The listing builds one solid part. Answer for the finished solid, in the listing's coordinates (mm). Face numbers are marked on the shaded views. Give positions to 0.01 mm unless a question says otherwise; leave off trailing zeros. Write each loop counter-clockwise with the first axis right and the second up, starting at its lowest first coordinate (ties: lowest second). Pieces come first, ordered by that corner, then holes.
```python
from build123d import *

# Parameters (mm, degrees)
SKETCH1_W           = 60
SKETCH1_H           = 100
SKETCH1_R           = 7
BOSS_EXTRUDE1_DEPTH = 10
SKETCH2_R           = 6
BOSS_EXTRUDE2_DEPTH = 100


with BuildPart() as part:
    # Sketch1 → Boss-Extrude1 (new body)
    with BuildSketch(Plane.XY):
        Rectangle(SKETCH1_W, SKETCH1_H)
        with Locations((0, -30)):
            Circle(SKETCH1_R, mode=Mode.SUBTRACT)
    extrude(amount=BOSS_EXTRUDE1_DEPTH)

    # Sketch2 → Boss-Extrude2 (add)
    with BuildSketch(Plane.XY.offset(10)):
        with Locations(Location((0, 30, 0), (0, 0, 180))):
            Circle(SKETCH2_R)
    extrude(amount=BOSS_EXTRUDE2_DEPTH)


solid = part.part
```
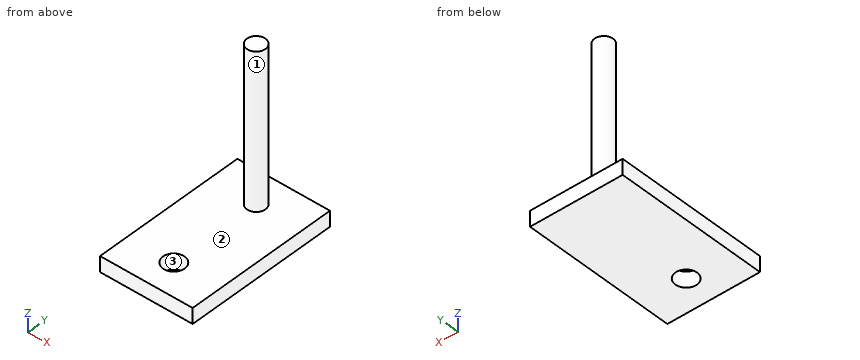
•••••
**Activity:**
Your copy should match the entries exactly, minus the pictures.

**Written answer:**
The listing builds one solid part. Answer for the finished solid, in the listing's coordinates (mm). Face numbers are marked on the shaded views. Give positions to 0.01 mm unless a question says otherwise; leave off trailing zeros. Write each loop counter-clockwise with the first axis right and the second up, starting at its lowest first coordinate (ties: lowest second). Pieces come first, ordered by that corner, then holes.
```python
from build123d import *

# Parameters (mm, degrees)
SKETCH1_W           = 60
SKETCH1_H           = 100
SKETCH1_R           = 7
BOSS_EXTRUDE1_DEPTH = 10
SKETCH2_R           = 6
BOSS_EXTRUDE2_DEPTH = 100


with BuildPart() as part:
    # Sketch1 → Boss-Extrude1 (new body)
    with BuildSketch(Plane.XY):
        Rectangle(SKETCH1_W, SKETCH1_H)
        with Locations((0, -30)):
            Circle(SKETCH1_R, mode=Mode.SUBTRACT)
    extrude(amount=BOSS_EXTRUDE1_DEPTH)

    # Sketch2 → Boss-Extrude2 (add)
    with BuildSketch(Plane.XY.offset(10)):
        with Locations(Location((0, 30, 0), (0, 0, 180))):
            Circle(SKETCH2_R)
    extrude(amount=BOSS_EXTRUDE2_DEPTH)


solid = part.part
```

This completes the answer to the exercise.